▶ _Prompt_: Reproduce every line in the listing that contains the word "VECTOR".

▶ _Working data_:

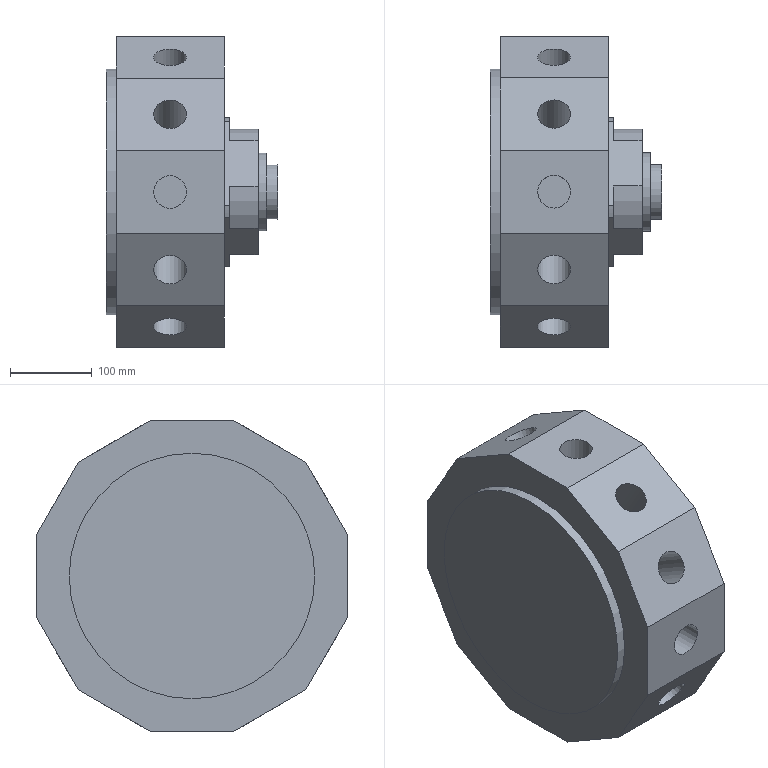Component | NX | SIM15_REV_SCHEIBE | 1 solid | 63 faces | volume 15342647 mm3 | plane 39 | cylinder 23 | cone 1 | commonest cylinder face diameters 40 x12 184 x4 154 x4 300 x1 96 x1 67 x1
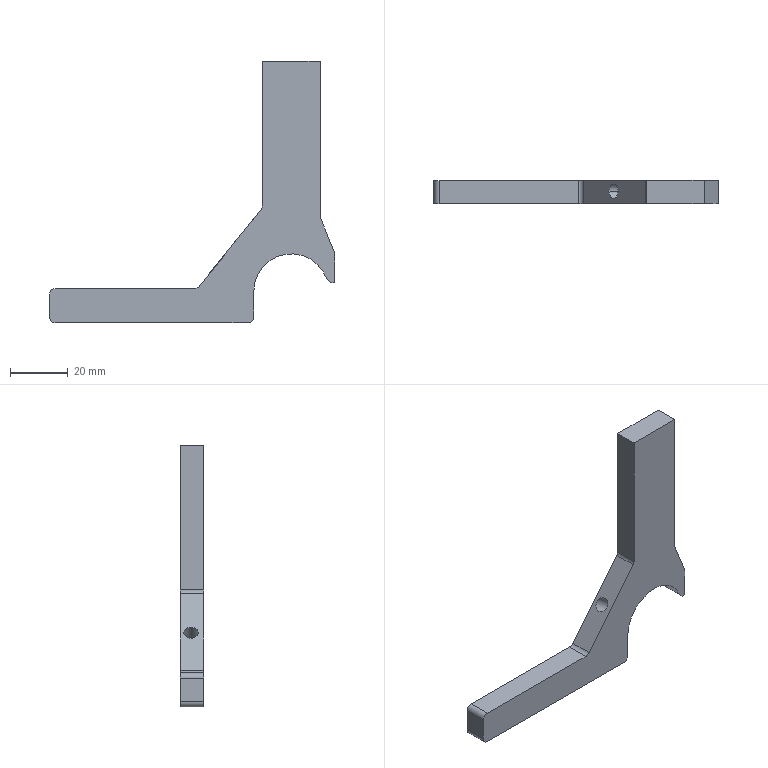Component | SolidWorks | BearingLiftingModule-1_CHEN123-AA-24-1 | 1 solid | 24 faces | box 99 x 8 x 91 mm | volume 20489 mm3 | plane 14 | cylinder 10 | commonest cylinder face diameters 4 x7 5 x2 26.05 x1
STEP:
#1=CARTESIAN_POINT('',(2.27,1.567,1.346));
#2=VERTEX_POINT('',#1);
#3=CARTESIAN_POINT('',(2.37,1.567,1.518));
#4=VERTEX_POINT('',#3);
#5=CARTESIAN_POINT('',(2.27,1.567,1.346));
#6=CARTESIAN_POINT('',(2.27,1.561,1.346));
#7=CARTESIAN_POINT('',(2.27,1.554,1.346));
#8=CARTESIAN_POINT('',(2.271,1.542,1.349));
#9=CARTESIAN_POINT('',(2.272,1.535,1.351));
#10=CARTESIAN_POINT('',(2.274,1.524,1.356));
#11=CARTESIAN_POINT('',(2.275,1.518,1.359));
#12=CARTESIAN_POINT('',(2.278,1.507,1.366));
#13=CARTESIAN_POINT('',(2.279,1.502,1.37));
#14=CARTESIAN_POINT('',(2.283,1.493,1.378));
#15=CARTESIAN_POINT('',(2.285,1.489,1.383));
#16=CARTESIAN_POINT('',(2.289,1.482,1.393));
#17=CARTESIAN_POINT('',(2.291,1.479,1.398));
#18=CARTESIAN_POINT('',(2.299,1.472,1.415));
#19=CARTESIAN_POINT('',(2.305,1.469,1.426));
#20=CARTESIAN_POINT('',(2.315,1.469,1.443));
#21=CARTESIAN_POINT('',(2.318,1.469,1.449));
#22=CARTESIAN_POINT('',(2.325,1.472,1.459));
#23=CARTESIAN_POINT('',(2.329,1.474,1.465));
#24=CARTESIAN_POINT('',(2.335,1.478,1.475));
#25=CARTESIAN_POINT('',(2.339,1.481,1.479));
#26=CARTESIAN_POINT('',(2.345,1.489,1.488));
#27=CARTESIAN_POINT('',(2.348,1.493,1.492));
#28=CARTESIAN_POINT('',(2.357,1.506,1.503));
#29=CARTESIAN_POINT('',(2.361,1.517,1.509));
#30=CARTESIAN_POINT('',(2.366,1.535,1.515));
#31=CARTESIAN_POINT('',(2.368,1.542,1.516));
#32=CARTESIAN_POINT('',(2.369,1.554,1.518));
#33=CARTESIAN_POINT('',(2.37,1.561,1.518));
#34=CARTESIAN_POINT('',(2.37,1.567,1.518));
#35=B_SPLINE_CURVE_WITH_KNOTS('',3,(#5,#6,#7,#8,#9,#10,#11,#12,#13,#14,#15,#16,#17,#18,#19,#20,#21,#22,#23,#24,#25,#26,#27,#28,#29,#30,#31,#32,#33,#34),.UNSPECIFIED.,.F.,.F.,(4,2,2,2,2,2,2,2,2,2,2,2,2,2,4),(0.007885,0.008378,0.008871,0.009363,0.009856,0.01035,0.01084,0.01183,0.01232,0.01281,0.0133,0.0138,0.01478,0.01527,0.01577),.UNSPECIFIED.);
#36=EDGE_CURVE('',#2,#4,#35,.T.);
#37=ORIENTED_EDGE('',*,*,#36,.F.);
#38=CARTESIAN_POINT('',(1.849,1.567,1.687));
#39=VERTEX_POINT('',#38);
#40=CARTESIAN_POINT('',(1.849,1.567,1.687));
#41=DIRECTION('',(-0.7772,0.,0.6292));
#42=VECTOR('',#41,39.37);
#43=LINE('',#40,#42);
#44=EDGE_CURVE('',#2,#39,#43,.T.);
#45=ORIENTED_EDGE('',*,*,#44,.T.);
#46=CARTESIAN_POINT('',(1.973,1.567,1.84));
#47=VERTEX_POINT('',#46);
#48=CARTESIAN_POINT('',(1.911,1.567,1.763));
#49=DIRECTION('',(-0.7772,0.,0.6292));
#50=DIRECTION('',(0.6292,0.,0.7772));
#51=AXIS2_PLACEMENT_3D('',#48,#49,#50);
#52=CIRCLE('',#51,0.09843);
#53=EDGE_CURVE('',#39,#47,#52,.T.);
#54=ORIENTED_EDGE('',*,*,#53,.T.);
#55=CARTESIAN_POINT('',(1.973,1.567,1.84));
#56=DIRECTION('',(-0.7772,0.,0.6292));
#57=VECTOR('',#56,39.37);
#58=LINE('',#55,#57);
#59=EDGE_CURVE('',#4,#47,#58,.T.);
#60=ORIENTED_EDGE('',*,*,#59,.F.);
#61=EDGE_LOOP('',(#37,#45,#54,#60));
#62=FACE_OUTER_BOUND('',#61,.T.);
#63=CARTESIAN_POINT('',(1.911,1.567,1.763));
#64=DIRECTION('',(-0.7772,0.,0.6292));
#65=DIRECTION('',(0.6292,0.,0.7772));
#66=AXIS2_PLACEMENT_3D('',#63,#64,#65);
#67=CYLINDRICAL_SURFACE('',#66,0.09843);
#68=ADVANCED_FACE('',(#62),#67,.F.);
#69=CARTESIAN_POINT('',(2.164,1.713,0.748));
#70=VERTEX_POINT('',#69);
#71=CARTESIAN_POINT('',(-0.4725,1.713,0.748));
#72=VERTEX_POINT('',#71);
#73=CARTESIAN_POINT('',(-0.5512,1.713,0.748));
#74=DIRECTION('',(-1.,0.,0.));
#75=VECTOR('',#74,39.37);
#76=LINE('',#73,#75);
#77=EDGE_CURVE('',#70,#72,#76,.T.);
#78=ORIENTED_EDGE('',*,*,#77,.F.);
#79=CARTESIAN_POINT('',(2.164,1.398,0.748));
#80=VERTEX_POINT('',#79);
#81=CARTESIAN_POINT('',(2.164,1.713,0.748));
#82=DIRECTION('',(0.,-1.,0.));
#83=VECTOR('',#82,39.37);
#84=LINE('',#81,#83);
#85=EDGE_CURVE('',#70,#80,#84,.T.);
#86=ORIENTED_EDGE('',*,*,#85,.T.);
#87=CARTESIAN_POINT('',(-0.4725,1.398,0.748));
#88=VERTEX_POINT('',#87);
#89=CARTESIAN_POINT('',(-0.5512,1.398,0.748));
#90=DIRECTION('',(-1.,0.,0.));
#91=VECTOR('',#90,39.37);
#92=LINE('',#89,#91);
#93=EDGE_CURVE('',#80,#88,#92,.T.);
#94=ORIENTED_EDGE('',*,*,#93,.T.);
#95=CARTESIAN_POINT('',(-0.4725,1.713,0.748));
#96=DIRECTION('',(0.,1.,0.));
#97=VECTOR('',#96,39.37);
#98=LINE('',#95,#97);
#99=EDGE_CURVE('',#88,#72,#98,.T.);
#100=ORIENTED_EDGE('',*,*,#99,.T.);
#101=EDGE_LOOP('',(#78,#86,#94,#100));
#102=FACE_OUTER_BOUND('',#101,.T.);
#103=CARTESIAN_POINT('',(-0.5512,1.713,0.748));
#104=DIRECTION('',(0.,0.,1.));
#105=DIRECTION('',(0.,-1.,0.));
#106=AXIS2_PLACEMENT_3D('',#103,#104,#105);
#107=PLANE('',#106);
#108=ADVANCED_FACE('',(#102),#107,.F.);
#109=CARTESIAN_POINT('',(3.346,1.713,1.695));
#110=VERTEX_POINT('',#109);
#111=CARTESIAN_POINT('',(3.346,1.713,1.299));
#112=VERTEX_POINT('',#111);
#113=CARTESIAN_POINT('',(3.346,1.713,4.331));
#114=DIRECTION('',(0.,0.,-1.));
#115=VECTOR('',#114,39.37);
#116=LINE('',#113,#115);
#117=EDGE_CURVE('',#110,#112,#116,.T.);
#118=ORIENTED_EDGE('',*,*,#117,.F.);
#119=CARTESIAN_POINT('',(3.346,1.398,1.695));
#120=VERTEX_POINT('',#119);
#121=CARTESIAN_POINT('',(3.346,1.713,1.695));
#122=DIRECTION('',(0.,-1.,0.));
#123=VECTOR('',#122,39.37);
#124=LINE('',#121,#123);
#125=EDGE_CURVE('',#110,#120,#124,.T.);
#126=ORIENTED_EDGE('',*,*,#125,.T.);
#127=CARTESIAN_POINT('',(3.346,1.398,1.299));
#128=VERTEX_POINT('',#127);
#129=CARTESIAN_POINT('',(3.346,1.398,4.331));
#130=DIRECTION('',(0.,0.,-1.));
#131=VECTOR('',#130,39.37);
#132=LINE('',#129,#131);
#133=EDGE_CURVE('',#120,#128,#132,.T.);
#134=ORIENTED_EDGE('',*,*,#133,.T.);
#135=CARTESIAN_POINT('',(3.346,1.713,1.299));
#136=DIRECTION('',(0.,1.,0.));
#137=VECTOR('',#136,39.37);
#138=LINE('',#135,#137);
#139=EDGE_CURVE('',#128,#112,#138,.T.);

▶ _Solution to the exercise_:
#42=VECTOR('',#41,39.37);
#57=VECTOR('',#56,39.37);
#75=VECTOR('',#74,39.37);
#83=VECTOR('',#82,39.37);
#91=VECTOR('',#90,39.37);
#97=VECTOR('',#96,39.37);
#115=VECTOR('',#114,39.37);
#123=VECTOR('',#122,39.37);
#131=VECTOR('',#130,39.37);
#137=VECTOR('',#136,39.37);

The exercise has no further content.